▶ **Data to examine**:

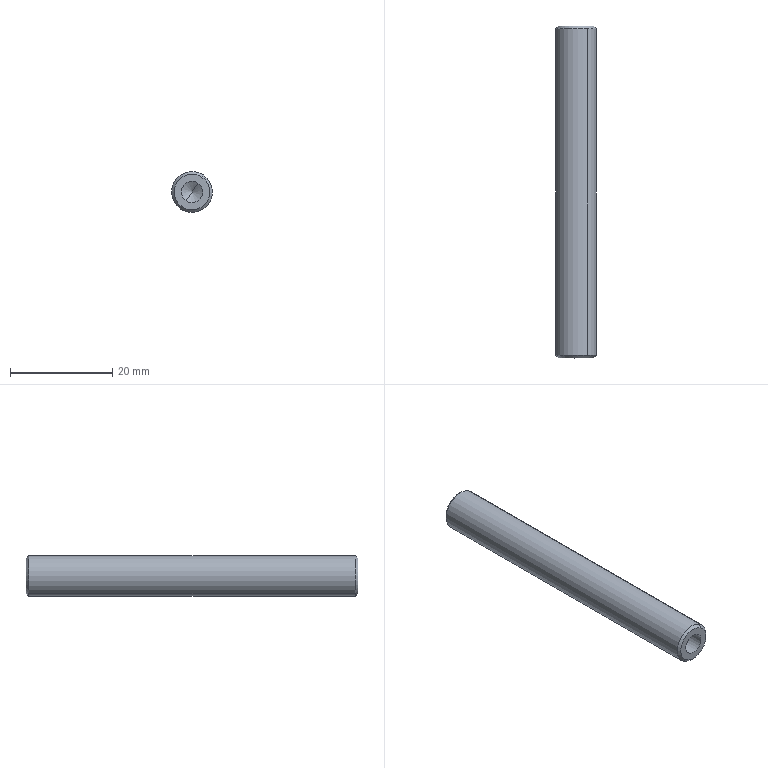Component | SolidWorks | WirePressingUnitGuidePost-1 | 1 solid | 12 faces | box 8 x 65 x 8 mm | volume 3084 mm3 | cone 6 | cylinder 4 | plane 2 | commonest cylinder face diameters 4.2 x2 8 x2
build123d program:
from build123d import *

# Parameters (mm, degrees)
SKETCH1_R             = 4
BOSS_EXTRUDE1_DEPTH   = 32.5
CHAMFER1_SIZE         = 0.5
M5_TAPPED_HOLE1_D     = 4.2
M5_TAPPED_HOLE1_DEPTH = 12.4
M5_TAPPED_HOLE1_TIP   = 1.262


with BuildPart() as part:
    # Sketch1 → Boss-Extrude1 (new, symmetric)
    with BuildSketch(Plane.XY):
        Circle(SKETCH1_R)
    extrude(amount=BOSS_EXTRUDE1_DEPTH, both=True)

    # Chamfer1
    chamfer1_edges = [part.edges().sort_by_distance(p)[0] for p in [
        (-4, 0, -32.5),
        (-4, 0, 32.5),
    ]]
    chamfer(chamfer1_edges, length=CHAMFER1_SIZE)

    # M5 Tapped Hole1
    with Locations(Plane.XY.offset(32.5)):
        with Locations((0, 0)):
            Hole(M5_TAPPED_HOLE1_D / 2, depth=M5_TAPPED_HOLE1_DEPTH)
            with Locations((0, 0, -(M5_TAPPED_HOLE1_DEPTH + M5_TAPPED_HOLE1_TIP / 2))):  # 118° drill point
                Cone(0, M5_TAPPED_HOLE1_D / 2, M5_TAPPED_HOLE1_TIP, mode=Mode.SUBTRACT)


solid = part.part

# Placed as in the assembly
solid = solid.moved(Location((-4.335, 71.668, -127.015), (90, 0, 0)))
STEP:
#1=COLOUR_RGB('',0.7922,0.8196,0.9333);
#2=FILL_AREA_STYLE_COLOUR('',#1);
#3=FILL_AREA_STYLE('',(#2));
#4=SURFACE_STYLE_FILL_AREA(#3);
#5=SURFACE_SIDE_STYLE('',(#4));
#6=SURFACE_STYLE_USAGE(.BOTH.,#5);
#7=PRESENTATION_STYLE_ASSIGNMENT((#6));
#8=CARTESIAN_POINT('',(-0.1249,2.03,-4.932));
#9=VERTEX_POINT('',#8);
#10=CARTESIAN_POINT('',(-0.2164,2.03,-5.069));
#11=VERTEX_POINT('',#10);
#12=CARTESIAN_POINT('',(-0.1707,2.03,-5.001));
#13=DIRECTION('',(0.,-1.,0.));
#14=DIRECTION('',(-0.5534,0.,-0.8329));
#15=AXIS2_PLACEMENT_3D('',#12,#13,#14);
#16=CIRCLE('',#15,0.08268);
#17=EDGE_CURVE('',#9,#11,#16,.T.);
#18=ORIENTED_EDGE('',*,*,#17,.F.);
#19=CARTESIAN_POINT('',(-0.1249,1.542,-4.932));
#20=VERTEX_POINT('',#19);
#21=CARTESIAN_POINT('',(-0.1249,1.542,-4.932));
#22=DIRECTION('',(0.,-1.,0.));
#23=VECTOR('',#22,39.37);
#24=LINE('',#21,#23);
#25=EDGE_CURVE('',#9,#20,#24,.T.);
#26=ORIENTED_EDGE('',*,*,#25,.T.);
#27=CARTESIAN_POINT('',(-0.2164,1.542,-5.069));
#28=VERTEX_POINT('',#27);
#29=CARTESIAN_POINT('',(-0.1707,1.542,-5.001));
#30=DIRECTION('',(0.,-1.,0.));
#31=DIRECTION('',(-0.5534,0.,-0.8329));
#32=AXIS2_PLACEMENT_3D('',#29,#30,#31);
#33=CIRCLE('',#32,0.08268);
#34=EDGE_CURVE('',#20,#28,#33,.T.);
#35=ORIENTED_EDGE('',*,*,#34,.T.);
#36=CARTESIAN_POINT('',(-0.2164,1.542,-5.069));
#37=DIRECTION('',(0.,-1.,0.));
#38=VECTOR('',#37,39.37);
#39=LINE('',#36,#38);
#40=EDGE_CURVE('',#11,#28,#39,.T.);
#41=ORIENTED_EDGE('',*,*,#40,.F.);
#42=EDGE_LOOP('',(#18,#26,#35,#41));
#43=FACE_OUTER_BOUND('',#42,.T.);
#44=CARTESIAN_POINT('',(-0.1707,1.542,-5.001));
#45=DIRECTION('',(0.,-1.,0.));
#46=DIRECTION('',(-0.5534,0.,-0.8329));
#47=AXIS2_PLACEMENT_3D('',#44,#45,#46);
#48=CYLINDRICAL_SURFACE('',#47,0.08268);
#49=ADVANCED_FACE('',(#43),#48,.F.);
#50=CARTESIAN_POINT('',(-0.1707,2.08,-5.001));
#51=VERTEX_POINT('',#50);
#52=CARTESIAN_POINT('',(-0.2164,2.03,-5.069));
#53=DIRECTION('',(-0.4744,-0.515,-0.7139));
#54=VECTOR('',#53,39.37);
#55=LINE('',#52,#54);
#56=EDGE_CURVE('',#51,#11,#55,.T.);
#57=ORIENTED_EDGE('',*,*,#56,.F.);
#58=CARTESIAN_POINT('',(-0.1249,2.03,-4.932));
#59=DIRECTION('',(0.4744,-0.515,0.7139));
#60=VECTOR('',#59,39.37);
#61=LINE('',#58,#60);
#62=EDGE_CURVE('',#51,#9,#61,.T.);
#63=ORIENTED_EDGE('',*,*,#62,.T.);
#64=ORIENTED_EDGE('',*,*,#17,.T.);
#65=EDGE_LOOP('',(#57,#63,#64));
#66=FACE_OUTER_BOUND('',#65,.T.);
#67=CARTESIAN_POINT('',(-0.1707,2.03,-5.001));
#68=DIRECTION('',(0.,-1.,0.));
#69=DIRECTION('',(-0.5534,0.,-0.8329));
#70=AXIS2_PLACEMENT_3D('',#67,#68,#69);
#71=CONICAL_SURFACE('',#70,0.08268,1.03);
#72=ADVANCED_FACE('',(#66),#71,.F.);
#73=CARTESIAN_POINT('',(-0.2469,1.542,-5.115));
#74=VERTEX_POINT('',#73);
#75=CARTESIAN_POINT('',(-0.09442,1.542,-4.886));
#76=VERTEX_POINT('',#75);
#77=CARTESIAN_POINT('',(-0.1707,1.542,-5.001));
#78=DIRECTION('',(0.,-1.,0.));
#79=DIRECTION('',(-0.5534,0.,-0.8329));
#80=AXIS2_PLACEMENT_3D('',#77,#78,#79);
#81=CIRCLE('',#80,0.1378);
#82=EDGE_CURVE('',#74,#76,#81,.T.);
#83=ORIENTED_EDGE('',*,*,#82,.F.);
#84=CARTESIAN_POINT('',(-0.2578,1.562,-5.132));
#85=VERTEX_POINT('',#84);
#86=CARTESIAN_POINT('',(-0.2469,1.542,-5.115));
#87=DIRECTION('',(-0.3913,0.7071,-0.589));
#88=VECTOR('',#87,39.37);
#89=LINE('',#86,#88);
#90=EDGE_CURVE('',#74,#85,#89,.T.);
#91=ORIENTED_EDGE('',*,*,#90,.T.);
#92=CARTESIAN_POINT('',(-0.08353,1.562,-4.869));
#93=VERTEX_POINT('',#92);
#94=CARTESIAN_POINT('',(-0.1707,1.562,-5.001));
#95=DIRECTION('',(0.,1.,0.));
#96=DIRECTION('',(-0.5534,0.,-0.8329));
#97=AXIS2_PLACEMENT_3D('',#94,#95,#96);
#98=CIRCLE('',#97,0.1575);
#99=EDGE_CURVE('',#93,#85,#98,.T.);
#100=ORIENTED_EDGE('',*,*,#99,.F.);
#101=CARTESIAN_POINT('',(-0.09442,1.542,-4.886));
#102=DIRECTION('',(0.3913,0.7071,0.589));
#103=VECTOR('',#102,39.37);
#104=LINE('',#101,#103);
#105=EDGE_CURVE('',#76,#93,#104,.T.);
#106=ORIENTED_EDGE('',*,*,#105,.F.);
#107=EDGE_LOOP('',(#83,#91,#100,#106));
#108=FACE_OUTER_BOUND('',#107,.T.);
#109=CARTESIAN_POINT('',(-0.1707,1.542,-5.001));
#110=DIRECTION('',(0.,1.,0.));
#111=DIRECTION('',(0.5534,0.,0.8329));
#112=AXIS2_PLACEMENT_3D('',#109,#110,#111);
#113=CONICAL_SURFACE('',#112,0.1378,0.7854);
#114=ADVANCED_FACE('',(#108),#113,.T.);
#115=CARTESIAN_POINT('',(-0.09442,4.101,-4.886));
#116=VERTEX_POINT('',#115);
#117=CARTESIAN_POINT('',(-0.2469,4.101,-5.115));
#118=VERTEX_POINT('',#117);
#119=CARTESIAN_POINT('',(-0.1707,4.101,-5.001));
#120=DIRECTION('',(0.,1.,0.));
#121=DIRECTION('',(-0.5534,0.,-0.8329));
#122=AXIS2_PLACEMENT_3D('',#119,#120,#121);
#123=CIRCLE('',#122,0.1378);
#124=EDGE_CURVE('',#116,#118,#123,.T.);
#125=ORIENTED_EDGE('',*,*,#124,.F.);
#126=CARTESIAN_POINT('',(-0.08353,4.081,-4.869));
#127=VERTEX_POINT('',#126);
#128=CARTESIAN_POINT('',(-0.08353,4.081,-4.869));
#129=DIRECTION('',(0.3913,-0.7071,0.589));
#130=VECTOR('',#129,39.37);
#131=LINE('',#128,#130);
#132=EDGE_CURVE('',#116,#127,#131,.T.);
#133=ORIENTED_EDGE('',*,*,#132,.T.);
#134=CARTESIAN_POINT('',(-0.2578,4.081,-5.132));
#135=VERTEX_POINT('',#134);
#136=CARTESIAN_POINT('',(-0.1707,4.081,-5.001));
#137=DIRECTION('',(0.,-1.,0.));
#138=DIRECTION('',(-0.5534,0.,-0.8329));
#139=AXIS2_PLACEMENT_3D('',#136,#137,#138);
#140=CIRCLE('',#139,0.1575);
#141=EDGE_CURVE('',#135,#127,#140,.T.);
#142=ORIENTED_EDGE('',*,*,#141,.F.);
#143=CARTESIAN_POINT('',(-0.2578,4.081,-5.132));
#144=DIRECTION('',(-0.3913,-0.7071,-0.589));
#145=VECTOR('',#144,39.37);
#146=LINE('',#143,#145);
#147=EDGE_CURVE('',#118,#135,#146,.T.);
#148=ORIENTED_EDGE('',*,*,#147,.F.);
#149=EDGE_LOOP('',(#125,#133,#142,#148));
#150=FACE_OUTER_BOUND('',#149,.T.);
#151=CARTESIAN_POINT('',(-0.1707,4.081,-5.001));
#152=DIRECTION('',(0.,-1.,0.));
#153=DIRECTION('',(-0.5534,0.,-0.8329));
#154=AXIS2_PLACEMENT_3D('',#151,#152,#153);
#155=CONICAL_SURFACE('',#154,0.1575,0.7854);
#156=ADVANCED_FACE('',(#150),#155,.T.);
#157=ORIENTED_EDGE('',*,*,#99,.T.);
#158=CARTESIAN_POINT('',(-0.2578,1.542,-5.132));
#159=DIRECTION('',(0.,1.,0.));
#160=VECTOR('',#159,39.37);
#161=LINE('',#158,#160);
#162=EDGE_CURVE('',#85,#135,#161,.T.);
#163=ORIENTED_EDGE('',*,*,#162,.T.);
#164=ORIENTED_EDGE('',*,*,#141,.T.);
#165=CARTESIAN_POINT('',(-0.08353,1.542,-4.869));
#166=DIRECTION('',(0.,1.,0.));
#167=VECTOR('',#166,39.37);
#168=LINE('',#165,#167);
#169=EDGE_CURVE('',#93,#127,#168,.T.);
#170=ORIENTED_EDGE('',*,*,#169,.F.);
#171=EDGE_LOOP('',(#157,#163,#164,#170));
#172=FACE_OUTER_BOUND('',#171,.T.);
#173=CARTESIAN_POINT('',(-0.1707,1.542,-5.001));
#174=DIRECTION('',(0.,1.,0.));
#175=DIRECTION('',(0.5534,0.,0.8329));
#176=AXIS2_PLACEMENT_3D('',#173,#174,#175);
#177=CYLINDRICAL_SURFACE('',#176,0.1575);
#178=ADVANCED_FACE('',(#172),#177,.T.);
#179=ORIENTED_EDGE('',*,*,#162,.F.);
#180=CARTESIAN_POINT('',(-0.1707,1.562,-5.001));
#181=DIRECTION('',(0.,1.,0.));
#182=DIRECTION('',(-0.5534,0.,-0.8329));
#183=AXIS2_PLACEMENT_3D('',#180,#181,#182);
#184=CIRCLE('',#183,0.1575);
#185=EDGE_CURVE('',#85,#93,#184,.T.);
#186=ORIENTED_EDGE('',*,*,#185,.T.);
#187=ORIENTED_EDGE('',*,*,#169,.T.);
#188=CARTESIAN_POINT('',(-0.1707,4.081,-5.001));
#189=DIRECTION('',(0.,-1.,0.));
#190=DIRECTION('',(-0.5534,0.,-0.8329));
#191=AXIS2_PLACEMENT_3D('',#188,#189,#190);
#192=CIRCLE('',#191,0.1575);
#193=EDGE_CURVE('',#127,#135,#192,.T.);
#194=ORIENTED_EDGE('',*,*,#193,.T.);
#195=EDGE_LOOP('',(#179,#186,#187,#194));
#196=FACE_OUTER_BOUND('',#195,.T.);
#197=CARTESIAN_POINT('',(-0.1707,1.542,-5.001));
#198=DIRECTION('',(0.,1.,0.));
#199=DIRECTION('',(0.5534,0.,0.8329));
#200=AXIS2_PLACEMENT_3D('',#197,#198,#199);
#201=CYLINDRICAL_SURFACE('',#200,0.1575);
#202=ADVANCED_FACE('',(#196),#201,.T.);
#203=CARTESIAN_POINT('',(-0.1707,1.542,-5.001));
#204=DIRECTION('',(0.,-1.,0.));
#205=DIRECTION('',(-0.5534,0.,-0.8329));
#206=AXIS2_PLACEMENT_3D('',#203,#204,#205);
#207=CIRCLE('',#206,0.08268);
#208=EDGE_CURVE('',#28,#20,#207,.T.);
#209=ORIENTED_EDGE('',*,*,#208,.F.);
#210=ORIENTED_EDGE('',*,*,#34,.F.);
#211=EDGE_LOOP('',(#209,#210));
#212=FACE_BOUND('',#211,.T.);
#213=CARTESIAN_POINT('',(-0.1707,1.542,-5.001));
#214=DIRECTION('',(0.,-1.,0.));
#215=DIRECTION('',(-0.5534,0.,-0.8329));
#216=AXIS2_PLACEMENT_3D('',#213,#214,#215);
#217=CIRCLE('',#216,0.1378);
#218=EDGE_CURVE('',#76,#74,#217,.T.);
#219=ORIENTED_EDGE('',*,*,#218,.T.);
#220=ORIENTED_EDGE('',*,*,#82,.T.);
#221=EDGE_LOOP('',(#219,#220));
#222=FACE_OUTER_BOUND('',#221,.T.);
#223=CARTESIAN_POINT('',(-0.1707,1.542,-5.001));
#224=DIRECTION('',(0.,-1.,0.));
#225=DIRECTION('',(-0.5534,0.,-0.8329));
#226=AXIS2_PLACEMENT_3D('',#223,#224,#225);
#227=PLANE('',#226);
#228=ADVANCED_FACE('',(#212,#222),#227,.T.);
#229=CARTESIAN_POINT('',(-0.1707,4.101,-5.001));
#230=DIRECTION('',(0.,1.,0.));
#231=DIRECTION('',(-0.5534,0.,-0.8329));
#232=AXIS2_PLACEMENT_3D('',#229,#230,#231);
#233=CIRCLE('',#232,0.1378);
#234=EDGE_CURVE('',#118,#116,#233,.T.);
#235=ORIENTED_EDGE('',*,*,#234,.T.);
#236=ORIENTED_EDGE('',*,*,#124,.T.);
#237=EDGE_LOOP('',(#235,#236));
#238=FACE_OUTER_BOUND('',#237,.T.);
#239=CARTESIAN_POINT('',(-0.1707,4.101,-5.001));
#240=DIRECTION('',(0.,-1.,0.));
#241=DIRECTION('',(-0.5534,0.,-0.8329));
#242=AXIS2_PLACEMENT_3D('',#239,#240,#241);
#243=PLANE('',#242);
#244=ADVANCED_FACE('',(#238),#243,.F.);
#245=ORIENTED_EDGE('',*,*,#132,.F.);
#246=ORIENTED_EDGE('',*,*,#234,.F.);
#247=ORIENTED_EDGE('',*,*,#147,.T.);
#248=ORIENTED_EDGE('',*,*,#193,.F.);
#249=EDGE_LOOP('',(#245,#246,#247,#248));
#250=FACE_OUTER_BOUND('',#249,.T.);
#251=CARTESIAN_POINT('',(-0.1707,4.081,-5.001));
#252=DIRECTION('',(0.,-1.,0.));
#253=DIRECTION('',(-0.5534,0.,-0.8329));
#254=AXIS2_PLACEMENT_3D('',#251,#252,#253);
#255=CONICAL_SURFACE('',#254,0.1575,0.7854);
#256=ADVANCED_FACE('',(#250),#255,.T.);
#257=ORIENTED_EDGE('',*,*,#90,.F.);
#258=ORIENTED_EDGE('',*,*,#218,.F.);
#259=ORIENTED_EDGE('',*,*,#105,.T.);
#260=ORIENTED_EDGE('',*,*,#185,.F.);
#261=EDGE_LOOP('',(#257,#258,#259,#260));
#262=FACE_OUTER_BOUND('',#261,.T.);
#263=CARTESIAN_POINT('',(-0.1707,1.542,-5.001));
#264=DIRECTION('',(0.,1.,0.));
#265=DIRECTION('',(0.5534,0.,0.8329));
#266=AXIS2_PLACEMENT_3D('',#263,#264,#265);
#267=CONICAL_SURFACE('',#266,0.1378,0.7854);
#268=ADVANCED_FACE('',(#262),#267,.T.);
#269=ORIENTED_EDGE('',*,*,#62,.F.);
#270=ORIENTED_EDGE('',*,*,#56,.T.);
#271=CARTESIAN_POINT('',(-0.1707,2.03,-5.001));
#272=DIRECTION('',(0.,-1.,0.));
#273=DIRECTION('',(-0.5534,0.,-0.8329));
#274=AXIS2_PLACEMENT_3D('',#271,#272,#273);
#275=CIRCLE('',#274,0.08268);
#276=EDGE_CURVE('',#11,#9,#275,.T.);
#277=ORIENTED_EDGE('',*,*,#276,.T.);
#278=EDGE_LOOP('',(#269,#270,#277));
#279=FACE_OUTER_BOUND('',#278,.T.);
#280=CARTESIAN_POINT('',(-0.1707,2.03,-5.001));
#281=DIRECTION('',(0.,-1.,0.));
#282=DIRECTION('',(-0.5534,0.,-0.8329));
#283=AXIS2_PLACEMENT_3D('',#280,#281,#282);
#284=CONICAL_SURFACE('',#283,0.08268,1.03);
#285=ADVANCED_FACE('',(#279),#284,.F.);
#286=ORIENTED_EDGE('',*,*,#25,.F.);
#287=ORIENTED_EDGE('',*,*,#276,.F.);
#288=ORIENTED_EDGE('',*,*,#40,.T.);
#289=ORIENTED_EDGE('',*,*,#208,.T.);
#290=EDGE_LOOP('',(#286,#287,#288,#289));
#291=FACE_OUTER_BOUND('',#290,.T.);
#292=CARTESIAN_POINT('',(-0.1707,1.542,-5.001));
#293=DIRECTION('',(0.,-1.,0.));
#294=DIRECTION('',(-0.5534,0.,-0.8329));
#295=AXIS2_PLACEMENT_3D('',#292,#293,#294);
#296=CYLINDRICAL_SURFACE('',#295,0.08268);
#297=ADVANCED_FACE('',(#291),#296,.F.);
#298=CLOSED_SHELL('',(#49,#72,#114,#156,#178,#202,#228,#244,#256,#268,#285,#297));
#299=MANIFOLD_SOLID_BREP('',#298);
#300=STYLED_ITEM('',(#7),#299);
#301=(LENGTH_UNIT()NAMED_UNIT(*)SI_UNIT($,.METRE.));
#302=LENGTH_MEASURE_WITH_UNIT(LENGTH_MEASURE(0.0254),#301);
#303=DIMENSIONAL_EXPONENTS(1.,0.,0.,0.,0.,0.,0.);
#304=(CONVERSION_BASED_UNIT('',#302)LENGTH_UNIT()NAMED_UNIT(#303));
#305=UNCERTAINTY_MEASURE_WITH_UNIT(LENGTH_MEASURE(0.00001),#304,'','');
#306=(NAMED_UNIT(*)PLANE_ANGLE_UNIT()SI_UNIT($,.RADIAN.));
#307=(NAMED_UNIT(*)SI_UNIT($,.STERADIAN.)SOLID_ANGLE_UNIT());
#308=(GEOMETRIC_REPRESENTATION_CONTEXT(3)GLOBAL_UNCERTAINTY_ASSIGNED_CONTEXT((#305))GLOBAL_UNIT_ASSIGNED_CONTEXT((#304,#306,#307))REPRESENTATION_CONTEXT('',''));
#309=MECHANICAL_DESIGN_GEOMETRIC_PRESENTATION_REPRESENTATION('',(#300),#308);
#310=CARTESIAN_POINT('',(0.,0.,0.));
#311=DIRECTION('',(0.,0.,1.));
#312=DIRECTION('',(1.,0.,0.));
#313=AXIS2_PLACEMENT_3D('',#310,#311,#312);
#314=(LENGTH_UNIT()NAMED_UNIT(*)SI_UNIT($,.METRE.));
#315=LENGTH_MEASURE_WITH_UNIT(LENGTH_MEASURE(0.0254),#314);
#316=DIMENSIONAL_EXPONENTS(1.,0.,0.,0.,0.,0.,0.);
#317=(CONVERSION_BASED_UNIT('',#315)LENGTH_UNIT()NAMED_UNIT(#316));
#318=UNCERTAINTY_MEASURE_WITH_UNIT(LENGTH_MEASURE(0.00001),#317,'','');
#319=(NAMED_UNIT(*)PLANE_ANGLE_UNIT()SI_UNIT($,.RADIAN.));
#320=(NAMED_UNIT(*)SI_UNIT($,.STERADIAN.)SOLID_ANGLE_UNIT());
#321=(GEOMETRIC_REPRESENTATION_CONTEXT(3)GLOBAL_UNCERTAINTY_ASSIGNED_CONTEXT((#318))GLOBAL_UNIT_ASSIGNED_CONTEXT((#317,#319,#320))REPRESENTATION_CONTEXT('',''));
#322=ADVANCED_BREP_SHAPE_REPRESENTATION('',(#299,#313),#321);
#323=PRESENTATION_LAYER_ASSIGNMENT('','',(#300));

▶ **Task instructions**: Begin at the line above that has "#199=DIRECTION('',(0.5534,0.,0.8329));" and stop after the line that has "#235=ORIENTED_EDGE('',*,*,#234,.T.);", copying each line exactly and adding nothing else.

▶ **Response to the exercise**:
#199=DIRECTION('',(0.5534,0.,0.8329));
#200=AXIS2_PLACEMENT_3D('',#197,#198,#199);
#201=CYLINDRICAL_SURFACE('',#200,0.1575);
#202=ADVANCED_FACE('',(#196),#201,.T.);
#203=CARTESIAN_POINT('',(-0.1707,1.542,-5.001));
#204=DIRECTION('',(0.,-1.,0.));
#205=DIRECTION('',(-0.5534,0.,-0.8329));
#206=AXIS2_PLACEMENT_3D('',#203,#204,#205);
#207=CIRCLE('',#206,0.08268);
#208=EDGE_CURVE('',#28,#20,#207,.T.);
#209=ORIENTED_EDGE('',*,*,#208,.F.);
#210=ORIENTED_EDGE('',*,*,#34,.F.);
#211=EDGE_LOOP('',(#209,#210));
#212=FACE_BOUND('',#211,.T.);
#213=CARTESIAN_POINT('',(-0.1707,1.542,-5.001));
#214=DIRECTION('',(0.,-1.,0.));
#215=DIRECTION('',(-0.5534,0.,-0.8329));
#216=AXIS2_PLACEMENT_3D('',#213,#214,#215);
#217=CIRCLE('',#216,0.1378);
#218=EDGE_CURVE('',#76,#74,#217,.T.);
#219=ORIENTED_EDGE('',*,*,#218,.T.);
#220=ORIENTED_EDGE('',*,*,#82,.T.);
#221=EDGE_LOOP('',(#219,#220));
#222=FACE_OUTER_BOUND('',#221,.T.);
#223=CARTESIAN_POINT('',(-0.1707,1.542,-5.001));
#224=DIRECTION('',(0.,-1.,0.));
#225=DIRECTION('',(-0.5534,0.,-0.8329));
#226=AXIS2_PLACEMENT_3D('',#223,#224,#225);
#227=PLANE('',#226);
#228=ADVANCED_FACE('',(#212,#222),#227,.T.);
#229=CARTESIAN_POINT('',(-0.1707,4.101,-5.001));
#230=DIRECTION('',(0.,1.,0.));
#231=DIRECTION('',(-0.5534,0.,-0.8329));
#232=AXIS2_PLACEMENT_3D('',#229,#230,#231);
#233=CIRCLE('',#232,0.1378);
#234=EDGE_CURVE('',#118,#116,#233,.T.);
#235=ORIENTED_EDGE('',*,*,#234,.T.);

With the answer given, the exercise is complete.